Go through the data and retrieve each line that includes the string "middle".

(Records drawn from a dataset)
------------------------------------------------------------------------
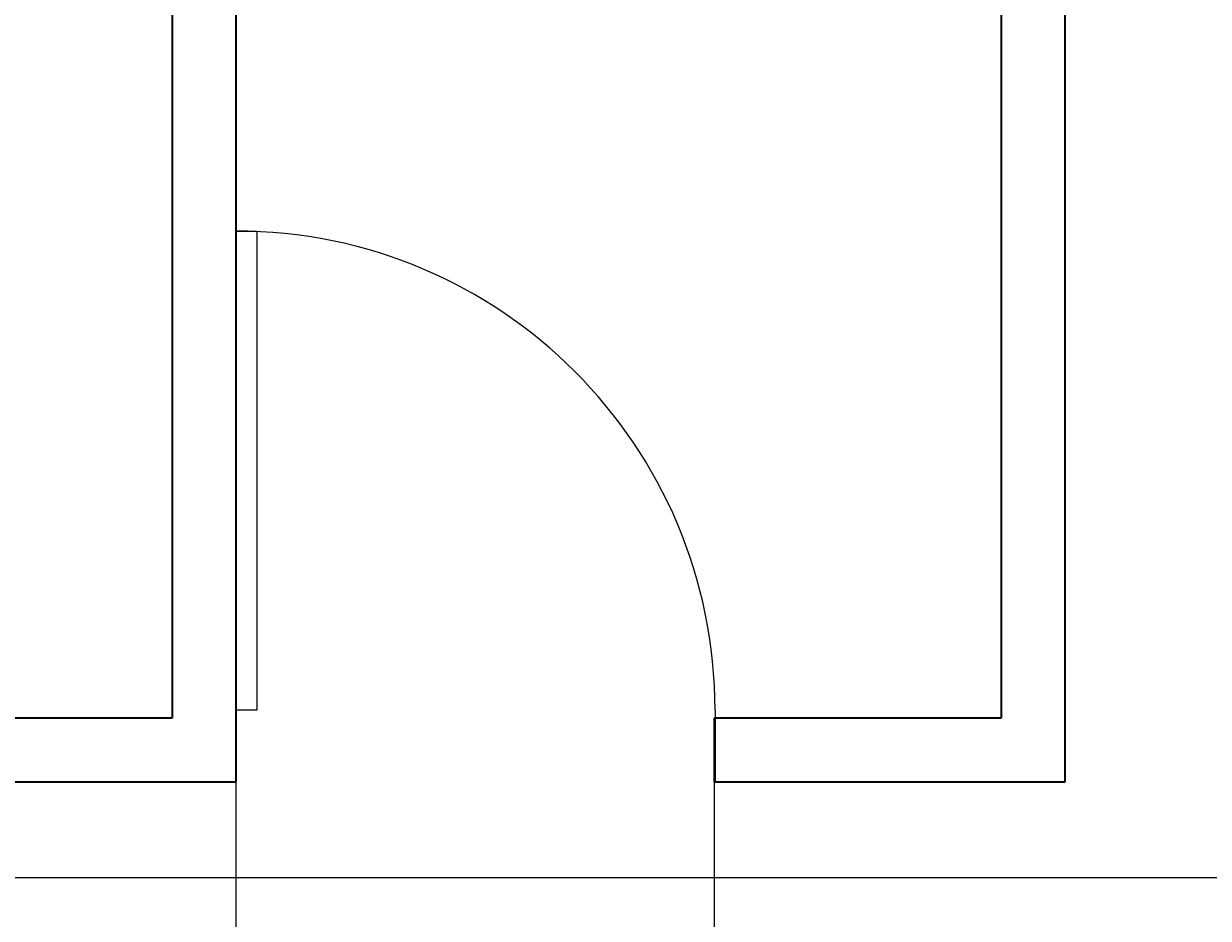
# Model space of a CAD drawing. Units: feet. Extents: x 105 to 1094, y -88 to 588.
# Tile 11 of 59: x 361 to 436, y 138 to 194. Entities that reach past the tile are written whole.
import ezdxf

# ---------------------------------------------------------------- set-up
doc = ezdxf.new("R2010")
doc.units = ezdxf.units.FT
doc.header["$MEASUREMENT"] = 0
for name, color, linetype, lineweight in [('A-ANNO-DIMS', 2, 'Continuous', 18), ('A-DOOR', 3, 'Continuous', 25), ('A-WALL', 7, 'Continuous', 35)]:
    doc.layers.add(name, color=color, linetype=linetype, lineweight=lineweight)
doc.styles.get("Standard").update_dxf_attribs({"font": 'arial.ttf'})
doc.dimstyles.get("Standard").update_dxf_attribs({"dimtxt": 0.18, "dimasz": 0.18, "dimexe": 0.18, "dimexo": 0.0625, "dimgap": 0.09, "dimtad": 0, "dimtih": 1, "dimtoh": 1, "dimdec": 4, "dimzin": 0, "dimdsep": 46, "dimtxsty": 'Standard', "dimcen": 0.09, "dimadec": 0, "dimazin": 0, "dimtfac": 1, "dimtdec": 4, "dimtofl": 0, "dimtmove": 0, "dimatfit": 3, "dimfxl": 1, "dimtolj": 1, "dimtzin": 0, "dimarcsym": 0})

# ---------------------------------------------------------------- blocks, each defined once
blk = doc.blocks.new('*U2')
for p, q in [((0, 0), (0, -6)), ((40, 0), (40, -6))]:
    blk.add_line(p, q)
blk.add_lwpolyline([(0, 0), (0, 40), (1.75, 40), (1.75, 0)], close=True)
blk.add_arc((0, 0), 40, 0, 90)
blk = doc.blocks.new('*D20')
at = {"layer": 'A-ANNO-DIMS', "color": 0, "lineweight": -2, "transparency": 16777216}
for p, q in [((150.688, 276.019), (150.688, -88.149)), ((1048.688, 276.019), (1048.688, -88.149)), ((150.868, -87.969), (599.399, -87.969)), ((1048.508, -87.969), (599.977, -87.969))]:
    blk.add_line(p, q, dxfattribs=at)
at = {"layer": 'A-ANNO-DIMS', "color": 0, "transparency": 16777216}
for points in [[(150.868, -87.939), (150.868, -87.999), (150.688, -87.969)], [(1048.508, -87.939), (1048.508, -87.999), (1048.688, -87.969)]]:
    blk.add_solid(points, dxfattribs=at)
at = {"layer": 'Defpoints', "color": 0, "transparency": 16777216}
for p in [(150.688, 276.081), (1048.688, 276.081), (1048.688, -87.969)]:
    blk.add_point(p, dxfattribs=at)
at = {"layer": 'A-ANNO-DIMS', "color": 0, "transparency": 16777216, "insert": (599.688, -87.969), "char_height": 0.18, "attachment_point": 5}
blk.add_mtext('\\A1;898', dxfattribs=at)
blk = doc.blocks.new('*D21')
at = {"layer": 'A-ANNO-DIMS', "color": 0, "lineweight": -2, "transparency": 16777216}
for p, q in [((849.626, 543.081), (105.458, 543.081)), ((105.638, 542.901), (105.638, 250.263)), ((105.638, -42.739), (105.638, 249.899)), ((849.626, -42.919), (105.458, -42.919))]:
    blk.add_line(p, q, dxfattribs=at)
at = {"layer": 'A-ANNO-DIMS', "color": 0, "transparency": 16777216}
for points in [[(105.608, 542.901), (105.668, 542.901), (105.638, 543.081)], [(105.608, -42.739), (105.668, -42.739), (105.638, -42.919)]]:
    blk.add_solid(points, dxfattribs=at)
at = {"layer": 'Defpoints', "color": 0, "transparency": 16777216}
for p in [(105.638, 543.081), (849.688, 543.081), (849.688, -42.919)]:
    blk.add_point(p, dxfattribs=at)
at = {"layer": 'A-ANNO-DIMS', "color": 0, "transparency": 16777216, "insert": (105.638, 250.081), "char_height": 0.18, "attachment_point": 5}
blk.add_mtext('\\A1;586', dxfattribs=at)
blk = doc.blocks.new('*D37')
at = {"layer": 'A-ANNO-DIMS', "color": 0, "lineweight": -2, "transparency": 16777216}
for p, q in [((374.688, 150.527), (374.688, -88.149)), ((404.688, 150.019), (404.688, -88.149)), ((374.868, -87.969), (389.47, -87.969)), ((404.508, -87.969), (389.907, -87.969))]:
    blk.add_line(p, q, dxfattribs=at)
at = {"layer": 'A-ANNO-DIMS', "color": 0, "transparency": 16777216}
for points in [[(374.868, -87.939), (374.868, -87.999), (374.688, -87.969)], [(404.508, -87.939), (404.508, -87.999), (404.688, -87.969)]]:
    blk.add_solid(points, dxfattribs=at)
at = {"layer": 'Defpoints', "color": 0, "transparency": 16777216}
for p in [(374.688, 150.59), (404.688, 150.081), (404.688, -87.969)]:
    blk.add_point(p, dxfattribs=at)
at = {"layer": 'A-ANNO-DIMS', "color": 0, "transparency": 16777216, "insert": (389.688, -87.969), "char_height": 0.18, "attachment_point": 5}
blk.add_mtext('\\A1;30', dxfattribs=at)
blk = doc.blocks.new('*D46')
at = {"layer": 'A-ANNO-DIMS', "color": 0, "lineweight": -2, "transparency": 16777216}
for p, q in [((580.626, 206.081), (105.458, 206.081)), ((105.638, 205.901), (105.638, 173.263)), ((105.638, 140.261), (105.638, 172.899)), ((580.626, 140.081), (105.458, 140.081))]:
    blk.add_line(p, q, dxfattribs=at)
at = {"layer": 'A-ANNO-DIMS', "color": 0, "transparency": 16777216}
for points in [[(105.608, 205.901), (105.668, 205.901), (105.638, 206.081)], [(105.608, 140.261), (105.668, 140.261), (105.638, 140.081)]]:
    blk.add_solid(points, dxfattribs=at)
at = {"layer": 'Defpoints', "color": 0, "transparency": 16777216}
for p in [(580.688, 206.081), (105.638, 140.081), (580.688, 140.081)]:
    blk.add_point(p, dxfattribs=at)
at = {"layer": 'A-ANNO-DIMS', "color": 0, "transparency": 16777216, "insert": (105.638, 173.081), "char_height": 0.18, "attachment_point": 5}
blk.add_mtext('\\A1;66', dxfattribs=at)

msp = doc.modelspace()

# ---------------------------------------------------------------- linework, layer by layer
at = {"layer": 'A-WALL'}
for p, q in [((374.6883, 248.0812), (374.6883, 146.0812)), ((422.6883, 248.0812), (422.6883, 150.0812)), ((426.6883, 248.0812), (426.6883, 146.0812)), ((370.6883, 198.0812), (370.6883, 150.0812)), ((370.6883, 150.0812), (288.6883, 150.0812)), ((422.6883, 150.0812), (404.6883, 150.0812)), ((404.6883, 150.0812), (404.6883, 146.0812)), ((374.6883, 146.0812), (288.6883, 146.0812)), ((426.6883, 146.0812), (404.6883, 146.0812))]:
    msp.add_line(p, q, dxfattribs=at)

# ---------------------------------------------------------------- block references
at = {"layer": 'A-DOOR', "xscale": 0.7513941790917756, "yscale": 0.7513941790917756, "zscale": 0.7513941790917756}
msp.add_blockref('*U2', (374.6883, 150.5895), dxfattribs=at)

# ---------------------------------------------------------------- dimensions: what is measured, and where the dimension line sits
at = {"layer": 'A-ANNO-DIMS'}
for base, p1, p2, picture, middle in [((105.6383, 543.0812), (849.6883, -42.9188), (849.6883, 543.0812), '*D21', (105.6383, 250.0812)), ((105.6383, 140.0812), (580.6883, 206.0812), (580.6883, 140.0812), '*D46', (105.6383, 173.0812))]:
    dim = msp.add_linear_dim(base=base, p1=p1, p2=p2, angle=90, dimstyle='Standard', override={"dimdec": 0, "dimlfac": 1, "dimrnd": 0, "dimzin": 0, "dimdsep": 46, "dimlunit": 2}, dxfattribs=at)
    dim.commit()
    dim.dimension.update_dxf_attribs({"geometry": picture, "text_midpoint": middle})
for base, p1, p2, picture, middle in [((1048.6883, -87.9688), (150.6883, 276.0812), (1048.6883, 276.0812), '*D20', (599.6883, -87.9688)), ((404.6883, -87.9688), (374.6883, 150.5895), (404.6883, 150.0812), '*D37', (389.6883, -87.9688))]:
    dim = msp.add_linear_dim(base=base, p1=p1, p2=p2, dimstyle='Standard', override={"dimdec": 0, "dimlfac": 1, "dimrnd": 0, "dimzin": 0, "dimdsep": 46, "dimlunit": 2}, dxfattribs=at)
    dim.commit()
    dim.dimension.update_dxf_attribs({"geometry": picture, "text_midpoint": middle})

doc.saveas('drawing.dxf')
------------------------------------------------------------------------
Response area:
for base, p1, p2, picture, middle in [((105.6383, 543.0812), (849.6883, -42.9188), (849.6883, 543.0812), '*D21', (105.6383, 250.0812)), ((105.6383, 140.0812), (580.6883, 206.0812), (580.6883, 140.0812), '*D46', (105.6383, 173.0812))]:
    dim.dimension.update_dxf_attribs({"geometry": picture, "text_midpoint": middle})
for base, p1, p2, picture, middle in [((1048.6883, -87.9688), (150.6883, 276.0812), (1048.6883, 276.0812), '*D20', (599.6883, -87.9688)), ((404.6883, -87.9688), (374.6883, 150.5895), (404.6883, 150.0812), '*D37', (389.6883, -87.9688))]:
    dim.dimension.update_dxf_attribs({"geometry": picture, "text_midpoint": middle})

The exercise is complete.